▶ _TASK TO COMPLETE_:
Copy out every line in the entries below that includes "project".

Extracted data entries:

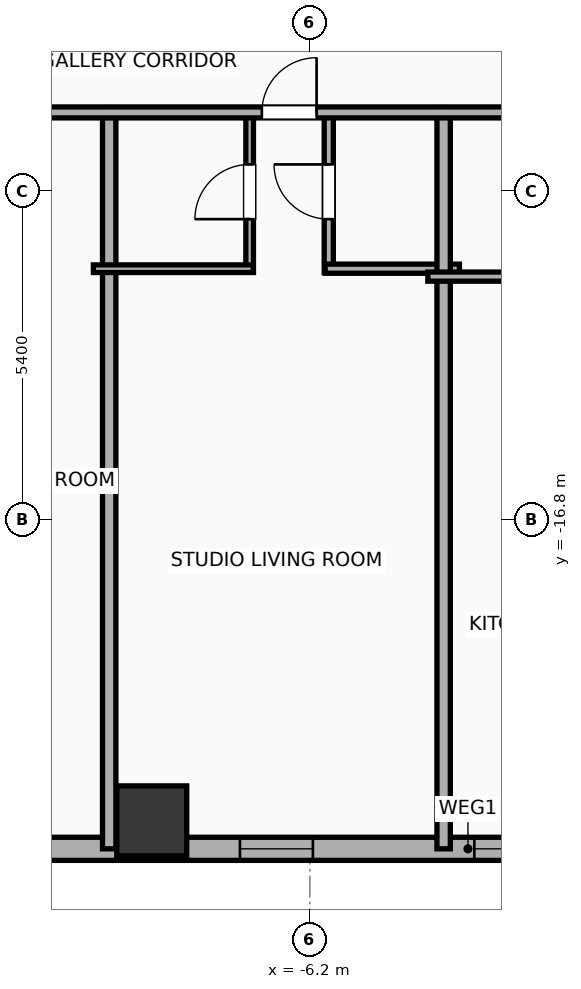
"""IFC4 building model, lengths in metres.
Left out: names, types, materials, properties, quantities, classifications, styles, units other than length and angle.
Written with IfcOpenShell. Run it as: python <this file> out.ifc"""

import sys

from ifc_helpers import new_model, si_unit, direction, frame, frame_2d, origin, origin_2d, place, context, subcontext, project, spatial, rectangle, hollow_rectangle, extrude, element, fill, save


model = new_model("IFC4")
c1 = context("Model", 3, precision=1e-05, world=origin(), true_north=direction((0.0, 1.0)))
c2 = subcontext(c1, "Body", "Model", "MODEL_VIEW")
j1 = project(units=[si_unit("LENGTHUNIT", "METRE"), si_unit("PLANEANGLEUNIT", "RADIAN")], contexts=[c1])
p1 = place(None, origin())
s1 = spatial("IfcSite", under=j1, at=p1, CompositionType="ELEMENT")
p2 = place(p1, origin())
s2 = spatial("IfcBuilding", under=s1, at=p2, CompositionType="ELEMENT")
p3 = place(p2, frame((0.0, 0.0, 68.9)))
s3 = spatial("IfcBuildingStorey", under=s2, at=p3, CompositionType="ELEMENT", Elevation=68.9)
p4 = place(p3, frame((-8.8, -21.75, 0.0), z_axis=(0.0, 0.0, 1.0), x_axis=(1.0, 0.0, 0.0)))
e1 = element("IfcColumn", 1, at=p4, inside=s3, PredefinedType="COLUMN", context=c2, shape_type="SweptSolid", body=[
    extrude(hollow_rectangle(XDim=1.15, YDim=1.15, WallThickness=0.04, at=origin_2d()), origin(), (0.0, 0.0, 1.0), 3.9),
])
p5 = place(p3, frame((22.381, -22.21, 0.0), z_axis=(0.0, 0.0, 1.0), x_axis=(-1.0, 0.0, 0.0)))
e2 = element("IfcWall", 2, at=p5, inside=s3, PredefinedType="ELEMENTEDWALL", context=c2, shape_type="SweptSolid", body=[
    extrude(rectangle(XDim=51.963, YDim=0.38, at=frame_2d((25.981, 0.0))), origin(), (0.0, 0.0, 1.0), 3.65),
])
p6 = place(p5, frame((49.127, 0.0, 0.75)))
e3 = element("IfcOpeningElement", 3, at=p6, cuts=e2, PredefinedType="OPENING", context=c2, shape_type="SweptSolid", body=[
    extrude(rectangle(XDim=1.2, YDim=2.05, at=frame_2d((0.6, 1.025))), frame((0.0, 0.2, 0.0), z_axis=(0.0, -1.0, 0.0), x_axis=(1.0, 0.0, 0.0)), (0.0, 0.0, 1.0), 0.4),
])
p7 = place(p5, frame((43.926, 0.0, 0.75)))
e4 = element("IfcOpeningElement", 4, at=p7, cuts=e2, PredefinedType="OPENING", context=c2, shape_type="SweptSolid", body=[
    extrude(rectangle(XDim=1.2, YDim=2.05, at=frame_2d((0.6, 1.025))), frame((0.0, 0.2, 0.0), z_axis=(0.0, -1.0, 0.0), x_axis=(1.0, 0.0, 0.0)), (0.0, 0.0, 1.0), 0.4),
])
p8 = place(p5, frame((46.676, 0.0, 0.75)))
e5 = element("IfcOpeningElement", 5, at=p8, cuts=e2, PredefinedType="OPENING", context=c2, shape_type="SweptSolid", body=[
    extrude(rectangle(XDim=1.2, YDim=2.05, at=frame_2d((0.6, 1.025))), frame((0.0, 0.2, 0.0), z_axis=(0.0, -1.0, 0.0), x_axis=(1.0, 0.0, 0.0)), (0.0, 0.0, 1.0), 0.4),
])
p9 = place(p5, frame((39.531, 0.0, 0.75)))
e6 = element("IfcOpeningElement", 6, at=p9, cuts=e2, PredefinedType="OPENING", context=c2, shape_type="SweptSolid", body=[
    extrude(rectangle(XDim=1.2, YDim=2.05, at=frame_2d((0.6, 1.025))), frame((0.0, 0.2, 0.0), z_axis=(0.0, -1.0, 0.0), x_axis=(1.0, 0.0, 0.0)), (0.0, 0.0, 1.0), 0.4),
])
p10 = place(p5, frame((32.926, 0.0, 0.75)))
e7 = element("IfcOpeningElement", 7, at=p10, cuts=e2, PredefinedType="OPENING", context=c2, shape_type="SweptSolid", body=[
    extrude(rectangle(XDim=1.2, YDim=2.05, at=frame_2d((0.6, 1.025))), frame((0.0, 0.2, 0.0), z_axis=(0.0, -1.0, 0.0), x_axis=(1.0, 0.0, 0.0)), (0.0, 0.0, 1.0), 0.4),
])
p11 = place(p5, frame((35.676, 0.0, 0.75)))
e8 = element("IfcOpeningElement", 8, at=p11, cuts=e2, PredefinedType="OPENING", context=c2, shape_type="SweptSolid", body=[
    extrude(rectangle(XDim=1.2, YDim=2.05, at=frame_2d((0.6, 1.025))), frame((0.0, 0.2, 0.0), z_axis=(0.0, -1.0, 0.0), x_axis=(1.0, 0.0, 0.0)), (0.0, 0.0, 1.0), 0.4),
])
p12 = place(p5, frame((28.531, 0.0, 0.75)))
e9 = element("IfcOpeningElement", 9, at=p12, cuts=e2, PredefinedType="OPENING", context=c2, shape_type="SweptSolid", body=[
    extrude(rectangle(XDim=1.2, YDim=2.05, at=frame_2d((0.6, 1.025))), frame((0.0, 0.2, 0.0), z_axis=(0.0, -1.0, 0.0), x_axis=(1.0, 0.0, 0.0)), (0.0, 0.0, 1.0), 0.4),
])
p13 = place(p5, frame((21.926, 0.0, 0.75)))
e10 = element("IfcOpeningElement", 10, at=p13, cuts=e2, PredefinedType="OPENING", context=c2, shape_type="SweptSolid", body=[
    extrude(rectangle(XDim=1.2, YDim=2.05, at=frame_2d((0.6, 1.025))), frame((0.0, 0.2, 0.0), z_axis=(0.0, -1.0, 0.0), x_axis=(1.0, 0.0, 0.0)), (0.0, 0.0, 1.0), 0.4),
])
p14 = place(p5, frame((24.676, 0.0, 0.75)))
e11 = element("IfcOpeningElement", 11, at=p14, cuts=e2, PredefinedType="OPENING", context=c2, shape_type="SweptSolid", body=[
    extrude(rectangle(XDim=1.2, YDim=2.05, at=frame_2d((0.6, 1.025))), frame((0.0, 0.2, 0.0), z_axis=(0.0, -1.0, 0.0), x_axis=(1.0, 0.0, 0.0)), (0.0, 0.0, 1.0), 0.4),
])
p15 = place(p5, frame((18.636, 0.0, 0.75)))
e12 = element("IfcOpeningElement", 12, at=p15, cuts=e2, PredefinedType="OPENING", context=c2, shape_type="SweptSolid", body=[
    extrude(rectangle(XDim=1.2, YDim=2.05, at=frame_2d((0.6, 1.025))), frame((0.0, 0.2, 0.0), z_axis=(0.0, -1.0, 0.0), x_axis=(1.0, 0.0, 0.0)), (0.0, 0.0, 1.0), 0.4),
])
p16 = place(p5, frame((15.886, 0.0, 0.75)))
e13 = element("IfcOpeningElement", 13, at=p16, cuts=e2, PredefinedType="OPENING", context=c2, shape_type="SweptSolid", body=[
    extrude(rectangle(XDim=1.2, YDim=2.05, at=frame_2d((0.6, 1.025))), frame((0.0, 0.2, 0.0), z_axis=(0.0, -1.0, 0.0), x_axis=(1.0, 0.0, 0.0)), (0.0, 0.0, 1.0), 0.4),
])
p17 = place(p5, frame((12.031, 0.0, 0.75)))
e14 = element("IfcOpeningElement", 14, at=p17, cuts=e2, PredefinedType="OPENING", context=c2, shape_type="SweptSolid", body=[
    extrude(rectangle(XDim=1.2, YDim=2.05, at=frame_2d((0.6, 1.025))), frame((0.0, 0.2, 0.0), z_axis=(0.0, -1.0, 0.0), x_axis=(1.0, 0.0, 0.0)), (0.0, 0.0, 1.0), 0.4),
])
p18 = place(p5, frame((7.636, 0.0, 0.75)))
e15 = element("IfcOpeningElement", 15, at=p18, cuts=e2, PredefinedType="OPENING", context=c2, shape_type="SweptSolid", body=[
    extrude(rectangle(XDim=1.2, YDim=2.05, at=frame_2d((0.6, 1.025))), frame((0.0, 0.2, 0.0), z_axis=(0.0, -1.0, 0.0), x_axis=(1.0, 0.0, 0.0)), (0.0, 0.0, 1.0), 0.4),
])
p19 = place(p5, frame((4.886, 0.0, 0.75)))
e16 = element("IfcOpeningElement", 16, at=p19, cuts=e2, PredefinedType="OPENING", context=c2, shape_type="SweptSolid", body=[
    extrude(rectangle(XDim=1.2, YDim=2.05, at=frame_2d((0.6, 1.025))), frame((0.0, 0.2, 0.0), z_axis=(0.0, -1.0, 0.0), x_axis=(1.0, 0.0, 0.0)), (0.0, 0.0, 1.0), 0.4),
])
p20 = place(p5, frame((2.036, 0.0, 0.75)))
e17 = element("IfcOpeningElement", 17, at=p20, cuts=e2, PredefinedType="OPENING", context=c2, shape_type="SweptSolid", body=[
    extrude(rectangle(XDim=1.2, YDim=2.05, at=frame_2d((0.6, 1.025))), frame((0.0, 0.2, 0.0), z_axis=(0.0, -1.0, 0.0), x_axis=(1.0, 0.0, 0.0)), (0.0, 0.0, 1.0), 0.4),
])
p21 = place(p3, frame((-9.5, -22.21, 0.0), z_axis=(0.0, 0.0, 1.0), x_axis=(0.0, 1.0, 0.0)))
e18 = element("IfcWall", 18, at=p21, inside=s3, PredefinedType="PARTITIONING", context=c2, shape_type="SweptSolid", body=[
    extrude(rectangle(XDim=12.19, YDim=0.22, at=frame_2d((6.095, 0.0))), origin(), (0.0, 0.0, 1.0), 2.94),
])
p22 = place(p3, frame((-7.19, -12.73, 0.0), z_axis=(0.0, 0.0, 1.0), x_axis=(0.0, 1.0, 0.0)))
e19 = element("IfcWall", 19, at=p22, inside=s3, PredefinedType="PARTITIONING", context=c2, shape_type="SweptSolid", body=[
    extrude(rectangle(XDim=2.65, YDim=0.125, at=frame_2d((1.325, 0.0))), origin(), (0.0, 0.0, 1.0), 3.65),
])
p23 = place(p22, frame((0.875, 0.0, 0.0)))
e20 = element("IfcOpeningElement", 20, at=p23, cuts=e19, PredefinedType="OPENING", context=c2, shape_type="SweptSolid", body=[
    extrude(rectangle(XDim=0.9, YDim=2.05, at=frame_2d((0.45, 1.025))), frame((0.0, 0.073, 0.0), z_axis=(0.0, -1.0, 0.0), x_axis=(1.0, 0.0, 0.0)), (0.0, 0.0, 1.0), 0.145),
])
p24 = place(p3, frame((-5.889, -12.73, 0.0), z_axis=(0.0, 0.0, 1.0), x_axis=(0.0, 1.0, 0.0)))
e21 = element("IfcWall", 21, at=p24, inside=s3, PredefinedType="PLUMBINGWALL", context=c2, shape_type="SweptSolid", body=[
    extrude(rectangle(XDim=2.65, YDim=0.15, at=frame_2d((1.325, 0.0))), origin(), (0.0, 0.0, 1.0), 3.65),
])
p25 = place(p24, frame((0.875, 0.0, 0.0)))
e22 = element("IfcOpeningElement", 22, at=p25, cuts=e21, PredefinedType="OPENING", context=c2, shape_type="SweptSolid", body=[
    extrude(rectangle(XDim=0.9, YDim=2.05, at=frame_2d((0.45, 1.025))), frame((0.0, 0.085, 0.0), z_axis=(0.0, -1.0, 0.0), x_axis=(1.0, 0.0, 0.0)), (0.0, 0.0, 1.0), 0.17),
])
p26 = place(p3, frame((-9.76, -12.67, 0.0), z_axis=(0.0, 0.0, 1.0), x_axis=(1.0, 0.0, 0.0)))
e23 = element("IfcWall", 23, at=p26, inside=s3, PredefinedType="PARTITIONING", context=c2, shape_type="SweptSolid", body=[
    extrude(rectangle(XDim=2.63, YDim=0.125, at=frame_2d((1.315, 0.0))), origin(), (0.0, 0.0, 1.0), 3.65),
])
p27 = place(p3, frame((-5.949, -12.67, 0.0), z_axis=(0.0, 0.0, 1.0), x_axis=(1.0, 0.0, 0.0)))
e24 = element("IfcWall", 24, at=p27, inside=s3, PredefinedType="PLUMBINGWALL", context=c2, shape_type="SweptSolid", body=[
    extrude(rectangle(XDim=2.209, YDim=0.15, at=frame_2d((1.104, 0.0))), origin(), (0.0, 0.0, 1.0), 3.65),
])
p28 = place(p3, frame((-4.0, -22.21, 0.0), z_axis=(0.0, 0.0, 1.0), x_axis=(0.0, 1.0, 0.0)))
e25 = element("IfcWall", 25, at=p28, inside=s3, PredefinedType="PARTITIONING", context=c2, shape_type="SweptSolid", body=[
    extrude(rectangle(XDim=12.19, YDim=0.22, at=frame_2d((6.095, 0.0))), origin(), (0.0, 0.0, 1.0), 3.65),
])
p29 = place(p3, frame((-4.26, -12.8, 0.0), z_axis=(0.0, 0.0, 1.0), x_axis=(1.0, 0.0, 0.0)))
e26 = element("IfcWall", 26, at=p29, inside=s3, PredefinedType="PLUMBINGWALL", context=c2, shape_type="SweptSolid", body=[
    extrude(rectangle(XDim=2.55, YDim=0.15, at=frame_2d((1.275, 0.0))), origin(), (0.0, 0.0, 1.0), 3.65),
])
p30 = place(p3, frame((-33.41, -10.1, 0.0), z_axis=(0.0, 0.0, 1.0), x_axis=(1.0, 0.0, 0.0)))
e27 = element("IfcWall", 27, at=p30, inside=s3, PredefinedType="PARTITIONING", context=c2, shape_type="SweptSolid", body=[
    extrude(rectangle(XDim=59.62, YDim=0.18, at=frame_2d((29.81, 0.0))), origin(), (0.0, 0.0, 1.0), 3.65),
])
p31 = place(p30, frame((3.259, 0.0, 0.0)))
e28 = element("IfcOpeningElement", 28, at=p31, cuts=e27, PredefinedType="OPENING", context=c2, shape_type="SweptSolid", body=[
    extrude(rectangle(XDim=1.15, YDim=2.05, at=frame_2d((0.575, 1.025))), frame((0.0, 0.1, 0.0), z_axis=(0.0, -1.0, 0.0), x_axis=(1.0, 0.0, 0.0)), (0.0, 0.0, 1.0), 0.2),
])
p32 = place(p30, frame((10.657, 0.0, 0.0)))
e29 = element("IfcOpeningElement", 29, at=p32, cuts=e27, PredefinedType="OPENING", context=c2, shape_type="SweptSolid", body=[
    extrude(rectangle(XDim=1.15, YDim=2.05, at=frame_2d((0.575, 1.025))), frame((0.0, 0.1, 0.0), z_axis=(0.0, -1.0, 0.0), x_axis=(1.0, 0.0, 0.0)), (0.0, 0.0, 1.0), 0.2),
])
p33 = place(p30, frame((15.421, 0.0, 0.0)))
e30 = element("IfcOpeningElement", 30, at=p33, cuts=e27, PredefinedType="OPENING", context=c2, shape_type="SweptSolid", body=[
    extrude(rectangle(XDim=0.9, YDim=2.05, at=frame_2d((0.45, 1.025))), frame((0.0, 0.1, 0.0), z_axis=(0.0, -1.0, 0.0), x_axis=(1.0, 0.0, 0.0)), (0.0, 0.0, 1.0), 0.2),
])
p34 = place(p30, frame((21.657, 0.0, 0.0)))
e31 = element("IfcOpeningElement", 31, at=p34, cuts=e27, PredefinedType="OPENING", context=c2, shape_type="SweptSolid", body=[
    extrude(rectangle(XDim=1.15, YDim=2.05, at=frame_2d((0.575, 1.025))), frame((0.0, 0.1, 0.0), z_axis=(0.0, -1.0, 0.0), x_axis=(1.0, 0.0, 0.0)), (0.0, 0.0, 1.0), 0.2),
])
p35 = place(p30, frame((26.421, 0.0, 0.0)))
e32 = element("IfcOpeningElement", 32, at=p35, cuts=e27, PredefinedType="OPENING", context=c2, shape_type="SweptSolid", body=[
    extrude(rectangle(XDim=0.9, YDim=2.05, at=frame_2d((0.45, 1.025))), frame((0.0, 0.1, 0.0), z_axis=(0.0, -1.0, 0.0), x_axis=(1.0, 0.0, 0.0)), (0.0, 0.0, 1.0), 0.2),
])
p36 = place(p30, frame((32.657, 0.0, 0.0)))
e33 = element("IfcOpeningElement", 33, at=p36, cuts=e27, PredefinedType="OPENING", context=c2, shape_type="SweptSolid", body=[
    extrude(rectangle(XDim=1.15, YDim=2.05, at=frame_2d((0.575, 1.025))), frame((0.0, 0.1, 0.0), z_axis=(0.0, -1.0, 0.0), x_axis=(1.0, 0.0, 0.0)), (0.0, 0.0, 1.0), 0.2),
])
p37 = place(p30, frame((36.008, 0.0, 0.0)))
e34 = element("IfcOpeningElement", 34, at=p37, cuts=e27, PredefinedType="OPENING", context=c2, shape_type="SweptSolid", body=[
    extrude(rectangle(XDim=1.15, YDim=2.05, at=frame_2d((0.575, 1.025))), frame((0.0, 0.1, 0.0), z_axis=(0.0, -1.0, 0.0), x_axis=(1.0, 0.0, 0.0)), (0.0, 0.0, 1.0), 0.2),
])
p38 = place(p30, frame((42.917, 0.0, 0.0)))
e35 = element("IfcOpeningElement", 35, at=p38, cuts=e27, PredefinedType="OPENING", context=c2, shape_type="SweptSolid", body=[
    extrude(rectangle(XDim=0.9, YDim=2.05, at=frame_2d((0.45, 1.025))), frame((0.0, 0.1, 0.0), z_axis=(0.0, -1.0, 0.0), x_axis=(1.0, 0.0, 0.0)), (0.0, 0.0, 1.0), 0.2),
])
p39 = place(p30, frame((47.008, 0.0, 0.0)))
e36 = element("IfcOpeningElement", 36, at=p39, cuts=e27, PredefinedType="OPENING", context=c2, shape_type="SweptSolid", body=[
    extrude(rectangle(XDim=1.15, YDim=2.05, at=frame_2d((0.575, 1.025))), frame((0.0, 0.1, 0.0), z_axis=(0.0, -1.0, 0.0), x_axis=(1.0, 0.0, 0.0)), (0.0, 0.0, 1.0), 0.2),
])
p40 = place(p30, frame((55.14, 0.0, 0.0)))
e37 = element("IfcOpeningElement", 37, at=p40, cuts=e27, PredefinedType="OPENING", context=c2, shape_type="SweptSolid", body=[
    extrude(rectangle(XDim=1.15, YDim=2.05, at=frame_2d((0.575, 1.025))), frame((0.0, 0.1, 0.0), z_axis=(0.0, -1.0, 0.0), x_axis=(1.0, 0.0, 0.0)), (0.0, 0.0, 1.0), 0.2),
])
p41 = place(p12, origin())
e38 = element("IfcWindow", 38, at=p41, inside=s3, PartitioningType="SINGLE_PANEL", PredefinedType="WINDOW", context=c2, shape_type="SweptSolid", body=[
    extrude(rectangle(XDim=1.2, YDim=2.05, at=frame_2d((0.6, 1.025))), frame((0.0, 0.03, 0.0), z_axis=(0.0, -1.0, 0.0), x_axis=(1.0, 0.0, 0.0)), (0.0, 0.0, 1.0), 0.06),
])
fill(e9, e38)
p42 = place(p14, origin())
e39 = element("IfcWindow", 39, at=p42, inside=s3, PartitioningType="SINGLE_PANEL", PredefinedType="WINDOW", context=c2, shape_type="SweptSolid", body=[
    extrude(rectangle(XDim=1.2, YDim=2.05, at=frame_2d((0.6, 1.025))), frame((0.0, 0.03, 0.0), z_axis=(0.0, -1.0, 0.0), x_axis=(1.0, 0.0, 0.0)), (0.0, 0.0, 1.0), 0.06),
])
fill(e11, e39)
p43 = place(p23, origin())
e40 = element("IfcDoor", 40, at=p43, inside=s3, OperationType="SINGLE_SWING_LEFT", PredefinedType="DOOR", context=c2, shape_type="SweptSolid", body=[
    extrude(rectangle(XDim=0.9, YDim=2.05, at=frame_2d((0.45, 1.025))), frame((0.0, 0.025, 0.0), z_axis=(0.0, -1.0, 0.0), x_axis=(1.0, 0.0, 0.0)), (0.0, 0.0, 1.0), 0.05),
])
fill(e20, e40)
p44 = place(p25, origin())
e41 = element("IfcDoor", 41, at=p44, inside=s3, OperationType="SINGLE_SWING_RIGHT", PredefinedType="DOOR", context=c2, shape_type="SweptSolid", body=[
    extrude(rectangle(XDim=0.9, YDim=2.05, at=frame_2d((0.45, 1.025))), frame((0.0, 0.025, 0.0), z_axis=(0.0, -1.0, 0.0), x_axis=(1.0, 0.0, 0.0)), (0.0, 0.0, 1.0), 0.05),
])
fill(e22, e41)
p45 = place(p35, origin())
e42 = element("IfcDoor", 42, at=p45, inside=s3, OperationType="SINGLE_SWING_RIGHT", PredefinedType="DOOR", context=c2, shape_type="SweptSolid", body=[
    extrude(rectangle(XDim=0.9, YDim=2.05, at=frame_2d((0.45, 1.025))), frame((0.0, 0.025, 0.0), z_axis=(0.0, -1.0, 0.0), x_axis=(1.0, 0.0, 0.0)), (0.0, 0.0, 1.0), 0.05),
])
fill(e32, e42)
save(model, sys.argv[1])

▶ _EXPECTED OUTPUT_:
from ifc_helpers import new_model, si_unit, direction, frame, frame_2d, origin, origin_2d, place, context, subcontext, project, spatial, rectangle, hollow_rectangle, extrude, element, fill, save
j1 = project(units=[si_unit("LENGTHUNIT", "METRE"), si_unit("PLANEANGLEUNIT", "RADIAN")], contexts=[c1])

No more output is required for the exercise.